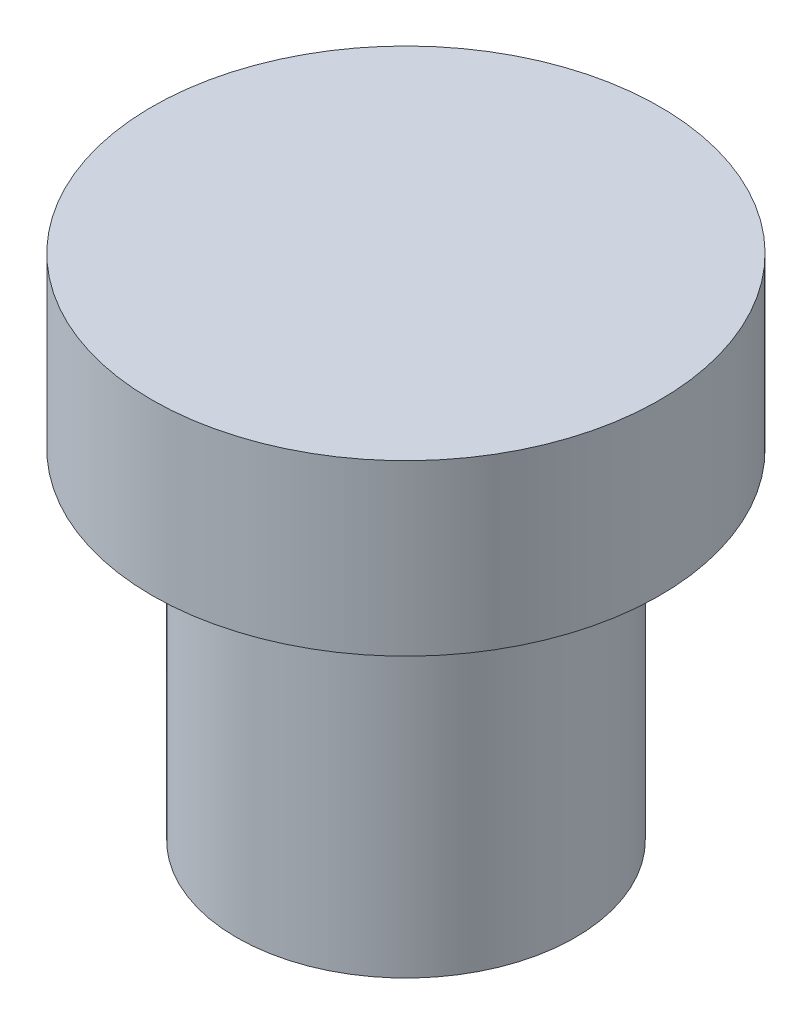
from build123d import *

# Parameters (mm, degrees)
SKETCH1_R           = 5
BOSS_EXTRUDE1_DEPTH = 10
SKETCH2_R           = 7.5
BOSS_EXTRUDE2_DEPTH = 5


with BuildPart() as part:
    # Sketch1 → Boss-Extrude1 (new body)
    with BuildSketch(Plane(origin=(0, 0, 0), x_dir=(1, 0, 0), z_dir=(0, 1, 0))):
        with Locations(Location((0, 0, 0), (0, 0, 270))):
            Circle(SKETCH1_R)
    extrude(amount=BOSS_EXTRUDE1_DEPTH)

    # Sketch2 → Boss-Extrude2 (add)
    with BuildSketch(Plane(origin=(0, 10, 0), x_dir=(1, 0, 0), z_dir=(0, 1, 0))):
        with Locations(Location((0, 0, 0), (0, 0, 270))):
            Circle(SKETCH2_R)
    extrude(amount=BOSS_EXTRUDE2_DEPTH)


solid = part.part

Exercise brief: When you retype the listing above, keep each line exactly as written and drop the pictures.

Output of the task:
from build123d import *

# Parameters (mm, degrees)
SKETCH1_R           = 5
BOSS_EXTRUDE1_DEPTH = 10
SKETCH2_R           = 7.5
BOSS_EXTRUDE2_DEPTH = 5


with BuildPart() as part:
    # Sketch1 → Boss-Extrude1 (new body)
    with BuildSketch(Plane(origin=(0, 0, 0), x_dir=(1, 0, 0), z_dir=(0, 1, 0))):
        with Locations(Location((0, 0, 0), (0, 0, 270))):
            Circle(SKETCH1_R)
    extrude(amount=BOSS_EXTRUDE1_DEPTH)

    # Sketch2 → Boss-Extrude2 (add)
    with BuildSketch(Plane(origin=(0, 10, 0), x_dir=(1, 0, 0), z_dir=(0, 1, 0))):
        with Locations(Location((0, 0, 0), (0, 0, 270))):
            Circle(SKETCH2_R)
    extrude(amount=BOSS_EXTRUDE2_DEPTH)


solid = part.part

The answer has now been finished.